> **What you are asked to do**
From the entries that follow, copy each line in which "units" appears.

> **Information shown**
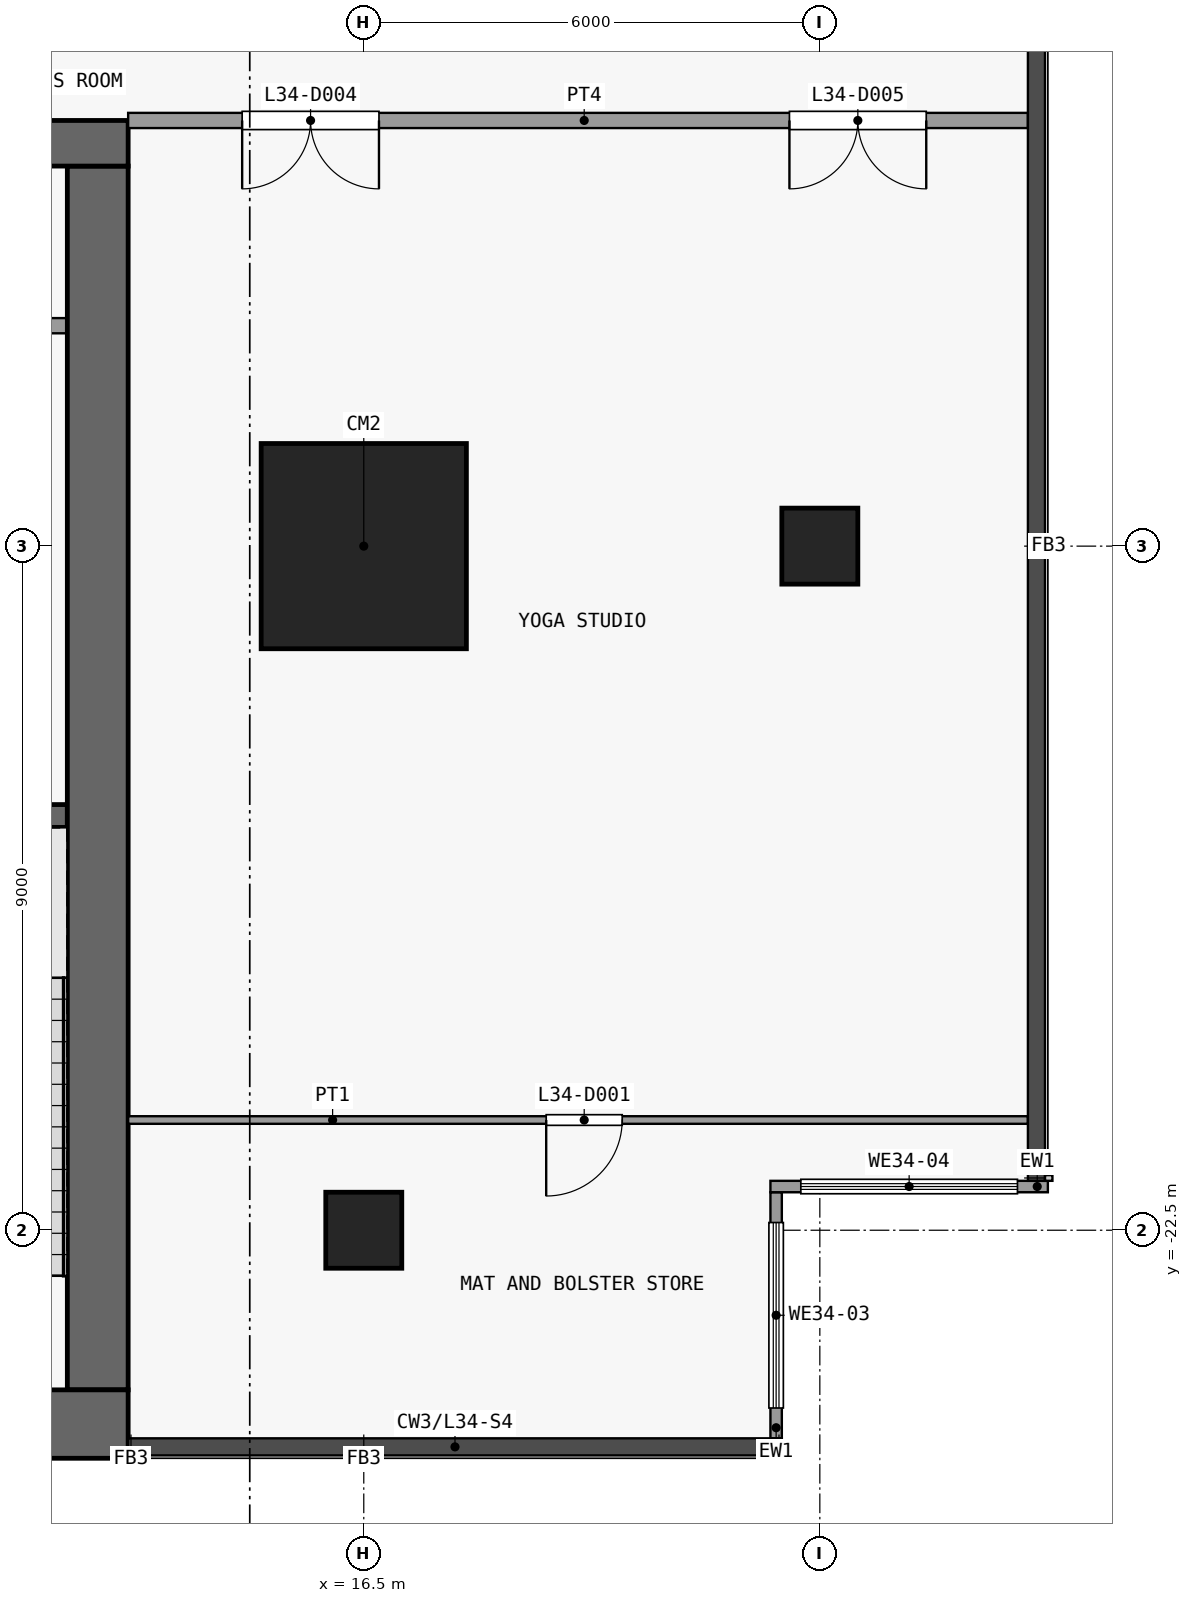
"""IFC4 building model, lengths in metres.
Left out: names, types, materials, properties, quantities, classifications, styles, units other than length and angle.
Written with IfcOpenShell. Run it as: python <this file> out.ifc"""

import sys

from ifc_helpers import new_model, si_unit, direction, frame, frame_2d, origin, origin_2d, place, context, subcontext, project, spatial, rectangle, extrude, element, fill, save


model = new_model("IFC4")
c1 = context("Model", 3, precision=1e-05, world=origin(), true_north=direction((0.0, 1.0)))
c2 = subcontext(c1, "Body", "Model", "MODEL_VIEW")
j1 = project(units=[si_unit("LENGTHUNIT", "METRE"), si_unit("PLANEANGLEUNIT", "RADIAN")], contexts=[c1])
p1 = place(None, origin())
s1 = spatial("IfcSite", under=j1, at=p1, CompositionType="ELEMENT")
p2 = place(p1, origin())
s2 = spatial("IfcBuilding", under=s1, at=p2, CompositionType="ELEMENT")
p3 = place(p2, frame((0.0, 0.0, 138.9)))
s3 = spatial("IfcBuildingStorey", under=s2, at=p3, CompositionType="ELEMENT", Elevation=138.9)
p4 = place(p3, frame((16.5, -22.5, 0.0), z_axis=(0.0, 0.0, 1.0), x_axis=(1.0, 0.0, 0.0)))
e1 = element("IfcColumn", 1, at=p4, inside=s3, PredefinedType="COLUMN", context=c2, shape_type="SweptSolid", body=[
    extrude(rectangle(XDim=1.0, YDim=1.0, at=origin_2d()), origin(), (0.0, 0.0, 1.0), 5.0),
])
p5 = place(p3, frame((16.5, -13.5, 0.0), z_axis=(0.0, 0.0, 1.0), x_axis=(1.0, 0.0, 0.0)))
e2 = element("IfcColumn", 2, at=p5, inside=s3, PredefinedType="COLUMN", context=c2, shape_type="SweptSolid", body=[
    extrude(rectangle(XDim=2.7, YDim=2.7, at=origin_2d()), origin(), (0.0, 0.0, 1.0), 5.0),
])
p6 = place(p3, frame((22.5, -13.5, 0.0), z_axis=(0.0, 0.0, 1.0), x_axis=(1.0, 0.0, 0.0)))
e3 = element("IfcColumn", 3, at=p6, inside=s3, PredefinedType="COLUMN", context=c2, shape_type="SweptSolid", body=[
    extrude(rectangle(XDim=1.0, YDim=1.0, at=origin_2d()), origin(), (0.0, 0.0, 1.0), 5.0),
])
p7 = place(p3, frame((-13.4, -25.05, 0.0), z_axis=(0.0, 0.0, 1.0), x_axis=(1.0, 0.0, 0.0)))
e4 = element("IfcWall", 4, at=p7, inside=s3, PredefinedType="SHEAR", context=c2, shape_type="SweptSolid", body=[
    extrude(rectangle(XDim=26.8, YDim=0.9, at=frame_2d((13.4, 0.0))), origin(), (0.0, 0.0, 1.0), 4.55),
])
p8 = place(p3, frame((-13.4, -8.2, 0.0), z_axis=(0.0, 0.0, 1.0), x_axis=(1.0, 0.0, 0.0)))
e5 = element("IfcWall", 5, at=p8, inside=s3, PredefinedType="SHEAR", context=c2, shape_type="SweptSolid", body=[
    extrude(rectangle(XDim=26.8, YDim=0.6, at=frame_2d((13.4, 0.0))), origin(), (0.0, 0.0, 1.0), 4.55),
])
p9 = place(p8, frame((7.7, 0.0, 0.0)))
e6 = element("IfcOpeningElement", 6, at=p9, cuts=e5, PredefinedType="OPENING", context=c2, shape_type="SweptSolid", body=[
    extrude(rectangle(XDim=1.8, YDim=2.1, at=frame_2d((0.9, 1.05))), frame((0.0, 0.31, 0.0), z_axis=(0.0, -1.0, 0.0), x_axis=(1.0, 0.0, 0.0)), (0.0, 0.0, 1.0), 0.62),
])
p10 = place(p8, frame((17.3, 0.0, 0.0)))
e7 = element("IfcOpeningElement", 7, at=p10, cuts=e5, PredefinedType="OPENING", context=c2, shape_type="SweptSolid", body=[
    extrude(rectangle(XDim=1.8, YDim=2.1, at=frame_2d((0.9, 1.05))), frame((0.0, 0.31, 0.0), z_axis=(0.0, -1.0, 0.0), x_axis=(1.0, 0.0, 0.0)), (0.0, 0.0, 1.0), 0.62),
])
p11 = place(p8, frame((2.625, 0.0, 0.0)))
e8 = element("IfcOpeningElement", 8, at=p11, cuts=e5, PredefinedType="OPENING", context=c2, shape_type="SweptSolid", body=[
    extrude(rectangle(XDim=0.9, YDim=2.1, at=frame_2d((0.45, 1.05))), frame((0.0, 0.31, 0.0), z_axis=(0.0, -1.0, 0.0), x_axis=(1.0, 0.0, 0.0)), (0.0, 0.0, 1.0), 0.62),
])
p12 = place(p8, frame((23.275, 0.0, 0.0)))
e9 = element("IfcOpeningElement", 9, at=p12, cuts=e5, PredefinedType="OPENING", context=c2, shape_type="SweptSolid", body=[
    extrude(rectangle(XDim=0.9, YDim=2.1, at=frame_2d((0.45, 1.05))), frame((0.0, 0.31, 0.0), z_axis=(0.0, -1.0, 0.0), x_axis=(1.0, 0.0, 0.0)), (0.0, 0.0, 1.0), 0.62),
])
p13 = place(p3, frame((13.0, -24.6, 0.0), z_axis=(0.0, 0.0, 1.0), x_axis=(0.0, 1.0, 0.0)))
e10 = element("IfcWall", 10, at=p13, inside=s3, PredefinedType="SHEAR", context=c2, shape_type="SweptSolid", body=[
    extrude(rectangle(XDim=16.1, YDim=0.8, at=frame_2d((8.05, 0.0))), origin(), (0.0, 0.0, 1.0), 4.55),
])
p14 = place(p3, frame((9.5, -17.05, 0.0), z_axis=(0.0, 0.0, 1.0), x_axis=(1.0, 0.0, 0.0)))
e11 = element("IfcWall", 11, at=p14, inside=s3, PredefinedType="SHEAR", context=c2, shape_type="SweptSolid", body=[
    extrude(rectangle(XDim=3.1, YDim=0.3, at=frame_2d((1.55, 0.0))), origin(), (0.0, 0.0, 1.0), 4.55),
])
p15 = place(p3, frame((11.15, -10.6, 0.0), z_axis=(0.0, 0.0, 1.0), x_axis=(1.0, 0.0, 0.0)))
e12 = element("IfcWall", 12, at=p15, inside=s3, PredefinedType="PARTITIONING", context=c2, shape_type="SweptSolid", body=[
    extrude(rectangle(XDim=1.45, YDim=0.2, at=frame_2d((0.725, 0.0))), origin(), (0.0, 0.0, 1.0), 4.55),
])
p16 = place(p3, frame((21.925, -22.0, 0.0), z_axis=(0.0, 0.0, 1.0), x_axis=(0.0, -1.0, 0.0)))
e13 = element("IfcWall", 13, at=p16, inside=s3, PredefinedType="SOLIDWALL", context=c2, shape_type="SweptSolid", body=[
    extrude(rectangle(XDim=3.238, YDim=0.15, at=frame_2d((1.619, 0.0))), origin(), (0.0, 0.0, 1.0), 4.55),
])
p17 = place(p16, frame((0.399, 0.0, 0.9)))
e14 = element("IfcOpeningElement", 14, at=p17, cuts=e13, PredefinedType="OPENING", context=c2, shape_type="SweptSolid", body=[
    extrude(rectangle(XDim=2.44, YDim=2.4, at=frame_2d((1.22, 1.2))), frame((0.0, 0.085, 0.0), z_axis=(0.0, -1.0, 0.0), x_axis=(1.0, 0.0, 0.0)), (0.0, 0.0, 1.0), 0.17),
])
p18 = place(p3, frame((25.5, -21.925, 0.0), z_axis=(0.0, 0.0, 1.0), x_axis=(-1.0, 0.0, 0.0)))
e15 = element("IfcWall", 15, at=p18, inside=s3, PredefinedType="SOLIDWALL", context=c2, shape_type="SweptSolid", body=[
    extrude(rectangle(XDim=3.65, YDim=0.15, at=frame_2d((1.825, 0.0))), origin(), (0.0, 0.0, 1.0), 4.55),
])
p19 = place(p18, frame((0.4, 0.0, 0.9)))
e16 = element("IfcOpeningElement", 16, at=p19, cuts=e15, PredefinedType="OPENING", context=c2, shape_type="SweptSolid", body=[
    extrude(rectangle(XDim=2.85, YDim=2.4, at=frame_2d((1.425, 1.2))), frame((0.0, 0.085, 0.0), z_axis=(0.0, -1.0, 0.0), x_axis=(1.0, 0.0, 0.0)), (0.0, 0.0, 1.0), 0.17),
])
p20 = place(p3, frame((13.4, -21.05, 0.0), z_axis=(0.0, 0.0, 1.0), x_axis=(1.0, 0.0, 0.0)))
e17 = element("IfcWall", 17, at=p20, inside=s3, PredefinedType="PARTITIONING", context=c2, shape_type="SweptSolid", body=[
    extrude(rectangle(XDim=11.838, YDim=0.1, at=frame_2d((5.919, 0.0))), origin(), (0.0, 0.0, 1.0), 4.55),
])
p21 = place(p20, frame((5.5, 0.0, 0.0)))
e18 = element("IfcOpeningElement", 18, at=p21, cuts=e17, PredefinedType="OPENING", context=c2, shape_type="SweptSolid", body=[
    extrude(rectangle(XDim=1.0, YDim=2.1, at=frame_2d((0.5, 1.05))), frame((0.0, 0.06, 0.0), z_axis=(0.0, -1.0, 0.0), x_axis=(1.0, 0.0, 0.0)), (0.0, 0.0, 1.0), 0.12),
])
p22 = place(p3, frame((13.4, -7.9, 0.0), z_axis=(0.0, 0.0, 1.0), x_axis=(1.0, 0.0, 0.0)))
e19 = element("IfcWall", 19, at=p22, inside=s3, PredefinedType="PARTITIONING", context=c2, shape_type="SweptSolid", body=[
    extrude(rectangle(XDim=11.838, YDim=0.2, at=frame_2d((5.919, 0.0))), origin(), (0.0, 0.0, 1.0), 4.55),
])
p23 = place(p22, frame((1.5, 0.0, 0.0)))
e20 = element("IfcOpeningElement", 20, at=p23, cuts=e19, PredefinedType="OPENING", context=c2, shape_type="SweptSolid", body=[
    extrude(rectangle(XDim=1.8, YDim=2.1, at=frame_2d((0.9, 1.05))), frame((0.0, 0.11, 0.0), z_axis=(0.0, -1.0, 0.0), x_axis=(1.0, 0.0, 0.0)), (0.0, 0.0, 1.0), 0.22),
])
p24 = place(p22, frame((8.7, 0.0, 0.0)))
e21 = element("IfcOpeningElement", 21, at=p24, cuts=e19, PredefinedType="OPENING", context=c2, shape_type="SweptSolid", body=[
    extrude(rectangle(XDim=1.8, YDim=2.1, at=frame_2d((0.9, 1.05))), frame((0.0, 0.11, 0.0), z_axis=(0.0, -1.0, 0.0), x_axis=(1.0, 0.0, 0.0)), (0.0, 0.0, 1.0), 0.22),
])
p25 = place(p17, origin())
e22 = element("IfcWindow", 22, at=p25, inside=s3, PartitioningType="SINGLE_PANEL", PredefinedType="WINDOW", context=c2, shape_type="SweptSolid", body=[
    extrude(rectangle(XDim=2.44, YDim=2.4, at=frame_2d((1.22, 1.2))), frame((0.0, 0.03, 0.0), z_axis=(0.0, -1.0, 0.0), x_axis=(1.0, 0.0, 0.0)), (0.0, 0.0, 1.0), 0.06),
])
fill(e14, e22)
p26 = place(p19, origin())
e23 = element("IfcWindow", 23, at=p26, inside=s3, PartitioningType="SINGLE_PANEL", PredefinedType="WINDOW", context=c2, shape_type="SweptSolid", body=[
    extrude(rectangle(XDim=2.85, YDim=2.4, at=frame_2d((1.425, 1.2))), frame((0.0, 0.03, 0.0), z_axis=(0.0, -1.0, 0.0), x_axis=(1.0, 0.0, 0.0)), (0.0, 0.0, 1.0), 0.06),
])
fill(e16, e23)
p27 = place(p21, origin())
e24 = element("IfcDoor", 24, at=p27, inside=s3, OperationType="SINGLE_SWING_LEFT", PredefinedType="DOOR", context=c2, shape_type="SweptSolid", body=[
    extrude(rectangle(XDim=1.0, YDim=2.1, at=frame_2d((0.5, 1.05))), frame((0.0, 0.025, 0.0), z_axis=(0.0, -1.0, 0.0), x_axis=(1.0, 0.0, 0.0)), (0.0, 0.0, 1.0), 0.05),
])
fill(e18, e24)
p28 = place(p23, origin())
e25 = element("IfcDoor", 25, at=p28, inside=s3, OperationType="DOUBLE_DOOR_SINGLE_SWING", PredefinedType="DOOR", context=c2, shape_type="SweptSolid", body=[
    extrude(rectangle(XDim=1.8, YDim=2.1, at=frame_2d((0.9, 1.05))), frame((0.0, 0.025, 0.0), z_axis=(0.0, -1.0, 0.0), x_axis=(1.0, 0.0, 0.0)), (0.0, 0.0, 1.0), 0.05),
])
fill(e20, e25)
p29 = place(p24, origin())
e26 = element("IfcDoor", 26, at=p29, inside=s3, OperationType="DOUBLE_DOOR_SINGLE_SWING", PredefinedType="DOOR", context=c2, shape_type="SweptSolid", body=[
    extrude(rectangle(XDim=1.8, YDim=2.1, at=frame_2d((0.9, 1.05))), frame((0.0, 0.025, 0.0), z_axis=(0.0, -1.0, 0.0), x_axis=(1.0, 0.0, 0.0)), (0.0, 0.0, 1.0), 0.05),
])
fill(e21, e26)
save(model, sys.argv[1])

> **Solved exercise**
Left out: names, types, materials, properties, quantities, classifications, styles, units other than length and angle.
j1 = project(units=[si_unit("LENGTHUNIT", "METRE"), si_unit("PLANEANGLEUNIT", "RADIAN")], contexts=[c1])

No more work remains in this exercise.